◆ EXERCISE AIM ◆
With both ends included, repeat exactly the lines of the entries below from the one containing "x_axis=(-0.500003135297, 0.866023593612, 0.0)))" down to the one containing "x_axis=(0.86602447079, 0.500001615989, 0.0)))", and no others.

Collection entries:

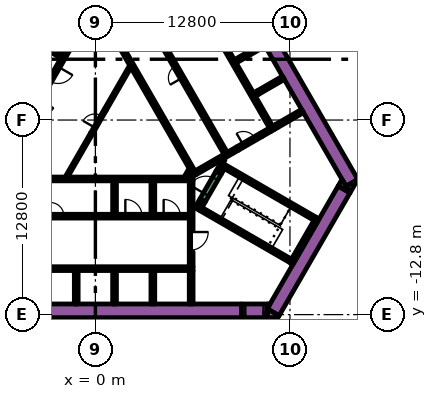
"""IFC4 building model, lengths in metres.
Left out: names, types, materials, properties, quantities, classifications, styles, units other than length and angle.
Written with IfcOpenShell. Run it as: python <this file> out.ifc"""

import sys

from ifc_helpers import new_model, si_unit, direction, frame, frame_2d, origin, place, context, subcontext, project, spatial, polyline, rectangle, outline, extrude, element, fill, save


model = new_model("IFC4")
c1 = context("Model", 3, precision=1e-05, world=origin(), true_north=direction((0.0, 1.0)))
c2 = subcontext(c1, "Body", "Model", "MODEL_VIEW")
j1 = project(units=[si_unit("LENGTHUNIT", "METRE"), si_unit("PLANEANGLEUNIT", "RADIAN")], contexts=[c1])
p1 = place(None, origin())
s1 = spatial("IfcSite", under=j1, at=p1, CompositionType="ELEMENT")
p2 = place(p1, origin())
s2 = spatial("IfcBuilding", under=s1, at=p2, CompositionType="ELEMENT")
p3 = place(p2, frame((0.0, 0.0, 11.4)))
s3 = spatial("IfcBuildingStorey", under=s2, at=p3, CompositionType="ELEMENT", Elevation=11.4)
p4 = place(p3, frame((6.776, 13.364, 0.0), z_axis=(0.0, 0.0, 1.0), x_axis=(0.500004177138, -0.8660229921, 0.0)))
e1 = element("IfcWall", 1, at=p4, inside=s3, PredefinedType="SOLIDWALL", context=c2, shape_type="SweptSolid", body=[
    extrude(rectangle(XDim=20.204, YDim=0.9, at=frame_2d((10.102, 0.0))), origin(), (0.0, 0.0, 1.0), 4.8),
])
p5 = place(p3, origin())
e2 = element("IfcWall", 2, at=p5, inside=s3, PredefinedType="SOLIDWALL", context=c2, shape_type="SweptSolid", body=[
    extrude(outline(polyline([(16.743, -4.8), (16.489, -4.36), (17.251, -3.92), (16.743, -4.8)])), origin(), (0.0, 0.0, 1.0), 4.8),
])
p6 = place(p3, frame((11.695, -12.644, 0.0), z_axis=(0.0, 0.0, 1.0), x_axis=(0.500010229568, 0.86601949766, 0.0)))
e3 = element("IfcWall", 3, at=p6, inside=s3, PredefinedType="SOLIDWALL", context=c2, shape_type="SweptSolid", body=[
    extrude(rectangle(XDim=9.326, YDim=0.9, at=frame_2d((4.663, 0.0))), origin(), (0.0, 0.0, 1.0), 4.8),
])
e4 = element("IfcWall", 4, at=p5, inside=s3, PredefinedType="SOLIDWALL", context=c2, shape_type="SweptSolid", body=[
    extrude(outline(polyline([(12.009, -13.0), (11.312, -13.0), (11.312, -12.425), (12.083, -12.871), (12.009, -13.0)])), origin(), (0.0, 0.0, 1.0), 4.8),
])
e5 = element("IfcWall", 5, at=p5, inside=s3, PredefinedType="SOLIDWALL", context=c2, shape_type="SweptSolid", body=[
    extrude(outline(polyline([(16.223, -3.9), (16.732, -4.78), (15.969, -4.34), (16.223, -3.9)])), origin(), (0.0, 0.0, 1.0), 4.8),
])
e6 = element("IfcWall", 6, at=p5, inside=s3, PredefinedType="SOLIDWALL", context=c2, shape_type="SweptSolid", body=[
    extrude(outline(polyline([(11.489, -12.1), (11.312, -12.407), (11.312, -12.1), (11.489, -12.1)])), origin(), (0.0, 0.0, 1.0), 4.8),
])
p7 = place(p3, frame((-12.019, -12.55, 0.0), z_axis=(0.0, 0.0, 1.0), x_axis=(1.0, 0.0, 0.0)))
e7 = element("IfcWall", 7, at=p7, inside=s3, PredefinedType="SOLIDWALL", context=c2, shape_type="SweptSolid", body=[
    extrude(rectangle(XDim=21.63, YDim=0.9, at=frame_2d((10.815, 0.0))), origin(), (0.0, 0.0, 1.0), 4.8),
])
p8 = place(p3, frame((12.885, -9.431, 0.0), z_axis=(0.0, 0.0, 1.0), x_axis=(0.500020560727, 0.866013532718, 0.0)))
e8 = element("IfcWall", 8, at=p8, inside=s3, PredefinedType="SOLIDWALL", context=c2, shape_type="SweptSolid", body=[
    extrude(rectangle(XDim=3.45, YDim=0.25, at=frame_2d((1.725, 0.0))), origin(), (0.0, 0.0, 1.0), 4.8),
])
p9 = place(p3, frame((12.84, -9.261, 0.0), z_axis=(0.0, 0.0, 1.0), x_axis=(-0.866013990052, 0.500019768644, 0.0)))
e9 = element("IfcWall", 9, at=p9, inside=s3, PredefinedType="SOLIDWALL", context=c2, shape_type="SweptSolid", body=[
    extrude(rectangle(XDim=6.8, YDim=0.25, at=frame_2d((3.4, 0.0))), origin(), (0.0, 0.0, 1.0), 4.8),
])
p10 = place(p3, frame((6.78, -5.906, 0.0), z_axis=(0.0, 0.0, 1.0), x_axis=(0.500223362819, 0.865896406789, 0.0)))
e10 = element("IfcWall", 10, at=p10, inside=s3, PredefinedType="SOLIDWALL", context=c2, shape_type="SweptSolid", body=[
    extrude(rectangle(XDim=0.675, YDim=0.25, at=frame_2d((0.337, 0.0))), origin(), (0.0, 0.0, 1.0), 4.8),
])
p11 = place(p3, frame((8.334, -2.964, 0.0), z_axis=(0.0, 0.0, 1.0), x_axis=(0.866016039709, -0.500016218704, 0.0)))
e11 = element("IfcWall", 11, at=p11, inside=s3, PredefinedType="SOLIDWALL", context=c2, shape_type="SweptSolid", body=[
    extrude(rectangle(XDim=7.05, YDim=0.25, at=frame_2d((3.525, 0.0))), origin(), (0.0, 0.0, 1.0), 4.8),
])
p12 = place(p3, frame((8.168, -3.503, 0.0), z_axis=(0.0, 0.0, 1.0), x_axis=(0.49972245349, 0.866185586049, 0.0)))
e12 = element("IfcWall", 12, at=p12, inside=s3, PredefinedType="SOLIDWALL", context=c2, shape_type="SweptSolid", body=[
    extrude(rectangle(XDim=0.425, YDim=0.25, at=frame_2d((0.212, 0.0))), origin(), (0.0, 0.0, 1.0), 4.8),
])
p13 = place(p3, frame((-6.425, -9.775, 0.0), z_axis=(0.0, 0.0, 1.0), x_axis=(1.0, 0.0, 0.0)))
e13 = element("IfcWall", 13, at=p13, inside=s3, PredefinedType="SOLIDWALL", context=c2, shape_type="SweptSolid", body=[
    extrude(rectangle(XDim=12.85, YDim=0.25, at=frame_2d((6.425, 0.0))), origin(), (0.0, 0.0, 1.0), 4.8),
])
p14 = place(p3, frame((-5.845, -3.875, 0.0), z_axis=(0.0, 0.0, 1.0), x_axis=(1.0, 0.0, 0.0)))
e14 = element("IfcWall", 14, at=p14, inside=s3, PredefinedType="SOLIDWALL", context=c2, shape_type="SweptSolid", body=[
    extrude(rectangle(XDim=12.27, YDim=0.25, at=frame_2d((6.135, 0.0))), origin(), (0.0, 0.0, 1.0), 4.8),
])
p15 = place(p3, frame((6.3, -7.27, 0.0), z_axis=(0.0, 0.0, 1.0), x_axis=(0.0, 1.0, 0.0)))
e15 = element("IfcWall", 15, at=p15, inside=s3, PredefinedType="SOLIDWALL", context=c2, shape_type="SweptSolid", body=[
    extrude(rectangle(XDim=3.27, YDim=0.25, at=frame_2d((1.635, 0.0))), origin(), (0.0, 0.0, 1.0), 4.8),
])
p16 = place(p3, frame((6.3, -8.672, 0.0), z_axis=(0.0, 0.0, 1.0), x_axis=(0.0, -1.0, 0.0)))
e16 = element("IfcWall", 16, at=p16, inside=s3, PredefinedType="SOLIDWALL", context=c2, shape_type="SweptSolid", body=[
    extrude(rectangle(XDim=0.978, YDim=0.25, at=frame_2d((0.489, 0.0))), origin(), (0.0, 0.0, 1.0), 4.8),
])
for number, where, z_axis, x_axis in (
    (17, (3.78, -4.0, 0.0), (0.0, 0.0, 1.0), (0.0, -1.0, 0.0)),
    (18, (1.26, -4.0, 0.0), (0.0, 0.0, 1.0), (0.0, -1.0, 0.0)),
):
    element("IfcWall", number, at=place(p3, frame(where, z_axis=z_axis, x_axis=x_axis)), inside=s3, PredefinedType="SOLIDWALL", context=c2, shape_type="SweptSolid", body=[
        extrude(rectangle(XDim=2.2, YDim=0.25, at=frame_2d((1.1, 0.0))), origin(), (0.0, 0.0, 1.0), 4.8),
    ])
for number, where, z_axis, x_axis in (
    (19, (6.3, -9.9, 0.0), (0.0, 0.0, 1.0), (0.0, -1.0, 0.0)),
    (20, (3.78, -9.9, 0.0), (0.0, 0.0, 1.0), (0.0, -1.0, 0.0)),
    (21, (1.26, -9.9, 0.0), (0.0, 0.0, 1.0), (0.0, -1.0, 0.0)),
    (22, (-1.26, -9.9, 0.0), (0.0, 0.0, 1.0), (0.0, -1.0, 0.0)),
):
    element("IfcWall", number, at=place(p3, frame(where, z_axis=z_axis, x_axis=x_axis)), inside=s3, PredefinedType="SOLIDWALL", context=c2, shape_type="SweptSolid", body=[
        extrude(rectangle(XDim=2.2, YDim=0.25, at=frame_2d((1.1, 0.0))), origin(), (0.0, 0.0, 1.0), 4.8),
    ])
p17 = place(p3, frame((11.678, -0.677, 0.0), z_axis=(0.0, 0.0, 1.0), x_axis=(-0.500003135297, 0.866023593612, 0.0)))
e23 = element("IfcWall", 23, at=p17, inside=s3, PredefinedType="SOLIDWALL", context=c2, shape_type="SweptSolid", body=[
    extrude(rectangle(XDim=12.85, YDim=0.25, at=frame_2d((6.425, 0.0))), origin(), (0.0, 0.0, 1.0), 4.8),
])
for number, where, z_axis, x_axis in (
    (24, (10.464, 1.677, 0.0), (0.0, 0.0, 1.0), (0.866, 0.5, 0.0)),
    (25, (11.894, -0.552, 0.0), (0.0, 0.0, 1.0), (-0.5, 0.866, 0.0)),
):
    element("IfcWall", number, at=place(p3, frame(where, z_axis=z_axis, x_axis=x_axis)), inside=s3, PredefinedType="SOLIDWALL", context=c2, shape_type="SweptSolid", body=[
        extrude(rectangle(XDim=0.25, YDim=0.25, at=frame_2d((0.125, 0.0))), origin(), (0.0, 0.0, 1.0), 4.8),
    ])
for number, where, z_axis, x_axis in (
    (26, (11.94, -0.381, 0.0), (0.0, 0.0, 1.0), (0.866, 0.5, 0.0)),
    (27, (12.369, 2.776, 0.0), (0.0, 0.0, 1.0), (-0.866, -0.5, 0.0)),
):
    element("IfcWall", number, at=place(p3, frame(where, z_axis=z_axis, x_axis=x_axis)), inside=s3, PredefinedType="SOLIDWALL", context=c2, shape_type="SweptSolid", body=[
        extrude(rectangle(XDim=1.95, YDim=0.25, at=frame_2d((0.975, 0.0))), origin(), (0.0, 0.0, 1.0), 4.8),
    ])
p18 = place(p3, frame((11.507, -0.631, 0.0), z_axis=(0.0, 0.0, 1.0), x_axis=(-0.866074517829, -0.49991492233, 0.0)))
e28 = element("IfcWall", 28, at=p18, inside=s3, PredefinedType="SOLIDWALL", context=c2, shape_type="SweptSolid", body=[
    extrude(rectangle(XDim=0.695, YDim=0.25, at=frame_2d((0.348, 0.0))), origin(), (0.0, 0.0, 1.0), 4.8),
])
e29 = element("IfcWall", 29, at=p5, inside=s3, PredefinedType="SOLIDWALL", context=c2, shape_type="SweptSolid", body=[
    extrude(outline(polyline([(6.552, -3.348), (6.677, -3.564), (6.46, -3.689), (4.897, -0.981), (0.332, 6.925), (0.335, 6.925), (0.335, 6.925), (0.335, 6.925), (0.335, 7.075), (0.335, 7.075), (0.335, 7.075), (0.245, 7.075), (0.079, 7.363), (0.035, 7.439), (0.252, 7.564), (0.377, 7.348), (6.552, -3.348)])), origin(), (0.0, 0.0, 1.0), 4.8),
])
p19 = place(p3, frame((6.614, -3.456, 0.0), z_axis=(0.0, 0.0, 1.0), x_axis=(0.86602447079, 0.500001615989, 0.0)))
e30 = element("IfcWall", 30, at=p19, inside=s3, PredefinedType="SOLIDWALL", context=c2, shape_type="SweptSolid", body=[
    extrude(rectangle(XDim=3.154, YDim=0.25, at=frame_2d((1.577, 0.0))), origin(), (0.0, 0.0, 1.0), 4.8),
])
p20 = place(p3, frame((9.204, 3.859, 0.0), z_axis=(0.0, 0.0, 1.0), x_axis=(0.86605622881, 0.499946605688, 0.0)))
e31 = element("IfcWall", 31, at=p20, inside=s3, PredefinedType="SOLIDWALL", context=c2, shape_type="SweptSolid", body=[
    extrude(rectangle(XDim=2.2, YDim=0.25, at=frame_2d((1.1, 0.0))), origin(), (0.0, 0.0, 1.0), 4.8),
])
p21 = place(p3, frame((-8.06, -1.311, 0.0), z_axis=(0.0, 0.0, 1.0), x_axis=(0.50000273126, 0.866023826885, 0.0)))
e32 = element("IfcWall", 32, at=p21, inside=s3, PredefinedType="SOLIDWALL", context=c2, shape_type="SweptSolid", body=[
    extrude(rectangle(XDim=10.33, YDim=0.25, at=frame_2d((5.165, 0.0))), origin(), (0.0, 0.0, 1.0), 4.8),
])
p22 = place(p3, frame((-2.204, 4.182, 0.0), z_axis=(0.0, 0.0, 1.0), x_axis=(-0.866008176907, 0.50002983664, 0.0)))
e33 = element("IfcWall", 33, at=p22, inside=s3, PredefinedType="SOLIDWALL", context=c2, shape_type="SweptSolid", body=[
    extrude(rectangle(XDim=2.2, YDim=0.25, at=frame_2d((1.1, 0.0))), origin(), (0.0, 0.0, 1.0), 4.8),
])
p23 = place(p3, frame((6.945, -5.222, 0.0), z_axis=(0.0, 0.0, 1.0), x_axis=(-0.499818422106, -0.866130212453, 0.0)))
e34 = element("IfcWall", 34, at=p23, inside=s3, PredefinedType="PARTITIONING", context=c2, shape_type="SweptSolid", body=[
    extrude(rectangle(XDim=0.514, YDim=0.15, at=frame_2d((0.257, 0.0))), origin(), (0.0, 0.0, 1.0), 3.9),
])
p24 = place(p3, frame((5.936, -3.718, 0.0), z_axis=(0.0, 0.0, 1.0), x_axis=(0.499890179513, 0.866088799389, 0.0)))
e35 = element("IfcWall", 35, at=p24, inside=s3, PredefinedType="PARTITIONING", context=c2, shape_type="SweptSolid", body=[
    extrude(rectangle(XDim=0.504, YDim=0.15, at=frame_2d((0.252, 0.0))), origin(), (0.0, 0.0, 1.0), 3.9),
])
p25 = place(p3, frame((8.459, -2.599, 0.0), z_axis=(0.0, 0.0, 1.0), x_axis=(-0.500041054325, -0.866001699761, 0.0)))
e36 = element("IfcWall", 36, at=p25, inside=s3, PredefinedType="PARTITIONING", context=c2, shape_type="SweptSolid", body=[
    extrude(rectangle(XDim=0.929, YDim=0.15, at=frame_2d((0.464, 0.0))), origin(), (0.0, 0.0, 1.0), 4.8),
])
for number, where, z_axis, x_axis in (
    (37, (-1.887, -3.718, 0.0), (0.0, 0.0, 1.0), (0.5, 0.866, 0.0)),
    (38, (0.645, 0.667, 0.0), (0.0, 0.0, 1.0), (0.5, 0.866, 0.0)),
):
    element("IfcWall", number, at=place(p3, frame(where, z_axis=z_axis, x_axis=x_axis)), inside=s3, PredefinedType="PARTITIONING", context=c2, shape_type="SweptSolid", body=[
        extrude(rectangle(XDim=3.263, YDim=0.15, at=frame_2d((1.632, 0.0))), origin(), (0.0, 0.0, 1.0), 3.9),
    ])
p26 = place(p3, frame((-6.175, -6.325, 0.0), z_axis=(0.0, 0.0, 1.0), x_axis=(1.0, 0.0, 0.0)))
e39 = element("IfcWall", 39, at=p26, inside=s3, PredefinedType="SOLIDWALL", context=c2, shape_type="SweptSolid", body=[
    extrude(rectangle(XDim=12.35, YDim=0.25, at=frame_2d((6.175, 0.0))), origin(), (0.0, 0.0, 1.0), 4.8),
])
p27 = place(p26, frame((3.205, 0.0, 0.0)))
e40 = element("IfcOpeningElement", 40, at=p27, cuts=e39, PredefinedType="OPENING", context=c2, shape_type="SweptSolid", body=[
    extrude(rectangle(XDim=0.9, YDim=2.1, at=frame_2d((0.45, 1.05))), frame((0.0, 0.135, 0.0), z_axis=(0.0, -1.0, 0.0), x_axis=(1.0, 0.0, 0.0)), (0.0, 0.0, 1.0), 0.27),
])
p28 = place(p26, frame((8.145, 0.0, 0.0)))
e41 = element("IfcOpeningElement", 41, at=p28, cuts=e39, PredefinedType="OPENING", context=c2, shape_type="SweptSolid", body=[
    extrude(rectangle(XDim=1.1, YDim=2.1, at=frame_2d((0.55, 1.05))), frame((0.0, 0.135, 0.0), z_axis=(0.0, -1.0, 0.0), x_axis=(1.0, 0.0, 0.0)), (0.0, 0.0, 1.0), 0.27),
])
p29 = place(p26, frame((10.665, 0.0, 0.0)))
e42 = element("IfcOpeningElement", 42, at=p29, cuts=e39, PredefinedType="OPENING", context=c2, shape_type="SweptSolid", body=[
    extrude(rectangle(XDim=1.1, YDim=2.1, at=frame_2d((0.55, 1.05))), frame((0.0, 0.135, 0.0), z_axis=(0.0, -1.0, 0.0), x_axis=(1.0, 0.0, 0.0)), (0.0, 0.0, 1.0), 0.27),
])
p30 = place(p3, frame((8.565, -2.185, 0.0), z_axis=(0.0, 0.0, 1.0), x_axis=(-0.499997954832, 0.866026584559, 0.0)))
e43 = element("IfcWall", 43, at=p30, inside=s3, PredefinedType="SOLIDWALL", context=c2, shape_type="SweptSolid", body=[
    extrude(rectangle(XDim=12.35, YDim=0.25, at=frame_2d((6.175, 0.0))), origin(), (0.0, 0.0, 1.0), 4.8),
])
p31 = place(p30, frame((5.725, 0.0, 0.0)))
e44 = element("IfcOpeningElement", 44, at=p31, cuts=e43, PredefinedType="OPENING", context=c2, shape_type="SweptSolid", body=[
    extrude(rectangle(XDim=0.9, YDim=2.1, at=frame_2d((0.45, 1.05))), frame((0.0, 0.135, 0.0), z_axis=(0.0, -1.0, 0.0), x_axis=(1.0, 0.0, 0.0)), (0.0, 0.0, 1.0), 0.27),
])
p32 = place(p3, frame((-0.898, 6.194, 0.0), z_axis=(0.0, 0.0, 1.0), x_axis=(-0.499996202215, -0.866027596426, 0.0)))
e45 = element("IfcWall", 45, at=p32, inside=s3, PredefinedType="SOLIDWALL", context=c2, shape_type="SweptSolid", body=[
    extrude(rectangle(XDim=9.83, YDim=0.25, at=frame_2d((4.915, 0.0))), origin(), (0.0, 0.0, 1.0), 4.8),
])
p33 = place(p32, frame((0.585, 0.0, 0.0)))
e46 = element("IfcOpeningElement", 46, at=p33, cuts=e45, PredefinedType="OPENING", context=c2, shape_type="SweptSolid", body=[
    extrude(rectangle(XDim=1.1, YDim=2.1, at=frame_2d((0.55, 1.05))), frame((0.0, 0.135, 0.0), z_axis=(0.0, -1.0, 0.0), x_axis=(1.0, 0.0, 0.0)), (0.0, 0.0, 1.0), 0.27),
])
p34 = place(p32, frame((3.105, 0.0, 0.0)))
e47 = element("IfcOpeningElement", 47, at=p34, cuts=e45, PredefinedType="OPENING", context=c2, shape_type="SweptSolid", body=[
    extrude(rectangle(XDim=1.1, YDim=2.1, at=frame_2d((0.55, 1.05))), frame((0.0, 0.135, 0.0), z_axis=(0.0, -1.0, 0.0), x_axis=(1.0, 0.0, 0.0)), (0.0, 0.0, 1.0), 0.27),
])
p35 = place(p32, frame((5.625, 0.0, 0.0)))
e48 = element("IfcOpeningElement", 48, at=p35, cuts=e45, PredefinedType="OPENING", context=c2, shape_type="SweptSolid", body=[
    extrude(rectangle(XDim=1.1, YDim=2.1, at=frame_2d((0.55, 1.05))), frame((0.0, 0.135, 0.0), z_axis=(0.0, -1.0, 0.0), x_axis=(1.0, 0.0, 0.0)), (0.0, 0.0, 1.0), 0.27),
])
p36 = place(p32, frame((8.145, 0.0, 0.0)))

◆ PROBLEM SOLUTION ◆
p17 = place(p3, frame((11.678, -0.677, 0.0), z_axis=(0.0, 0.0, 1.0), x_axis=(-0.500003135297, 0.866023593612, 0.0)))
e23 = element("IfcWall", 23, at=p17, inside=s3, PredefinedType="SOLIDWALL", context=c2, shape_type="SweptSolid", body=[
    extrude(rectangle(XDim=12.85, YDim=0.25, at=frame_2d((6.425, 0.0))), origin(), (0.0, 0.0, 1.0), 4.8),
])
for number, where, z_axis, x_axis in (
    (24, (10.464, 1.677, 0.0), (0.0, 0.0, 1.0), (0.866, 0.5, 0.0)),
    (25, (11.894, -0.552, 0.0), (0.0, 0.0, 1.0), (-0.5, 0.866, 0.0)),
):
    element("IfcWall", number, at=place(p3, frame(where, z_axis=z_axis, x_axis=x_axis)), inside=s3, PredefinedType="SOLIDWALL", context=c2, shape_type="SweptSolid", body=[
        extrude(rectangle(XDim=0.25, YDim=0.25, at=frame_2d((0.125, 0.0))), origin(), (0.0, 0.0, 1.0), 4.8),
    ])
for number, where, z_axis, x_axis in (
    (26, (11.94, -0.381, 0.0), (0.0, 0.0, 1.0), (0.866, 0.5, 0.0)),
    (27, (12.369, 2.776, 0.0), (0.0, 0.0, 1.0), (-0.866, -0.5, 0.0)),
):
    element("IfcWall", number, at=place(p3, frame(where, z_axis=z_axis, x_axis=x_axis)), inside=s3, PredefinedType="SOLIDWALL", context=c2, shape_type="SweptSolid", body=[
        extrude(rectangle(XDim=1.95, YDim=0.25, at=frame_2d((0.975, 0.0))), origin(), (0.0, 0.0, 1.0), 4.8),
    ])
p18 = place(p3, frame((11.507, -0.631, 0.0), z_axis=(0.0, 0.0, 1.0), x_axis=(-0.866074517829, -0.49991492233, 0.0)))
e28 = element("IfcWall", 28, at=p18, inside=s3, PredefinedType="SOLIDWALL", context=c2, shape_type="SweptSolid", body=[
    extrude(rectangle(XDim=0.695, YDim=0.25, at=frame_2d((0.348, 0.0))), origin(), (0.0, 0.0, 1.0), 4.8),
])
e29 = element("IfcWall", 29, at=p5, inside=s3, PredefinedType="SOLIDWALL", context=c2, shape_type="SweptSolid", body=[
    extrude(outline(polyline([(6.552, -3.348), (6.677, -3.564), (6.46, -3.689), (4.897, -0.981), (0.332, 6.925), (0.335, 6.925), (0.335, 6.925), (0.335, 6.925), (0.335, 7.075), (0.335, 7.075), (0.335, 7.075), (0.245, 7.075), (0.079, 7.363), (0.035, 7.439), (0.252, 7.564), (0.377, 7.348), (6.552, -3.348)])), origin(), (0.0, 0.0, 1.0), 4.8),
])
p19 = place(p3, frame((6.614, -3.456, 0.0), z_axis=(0.0, 0.0, 1.0), x_axis=(0.86602447079, 0.500001615989, 0.0)))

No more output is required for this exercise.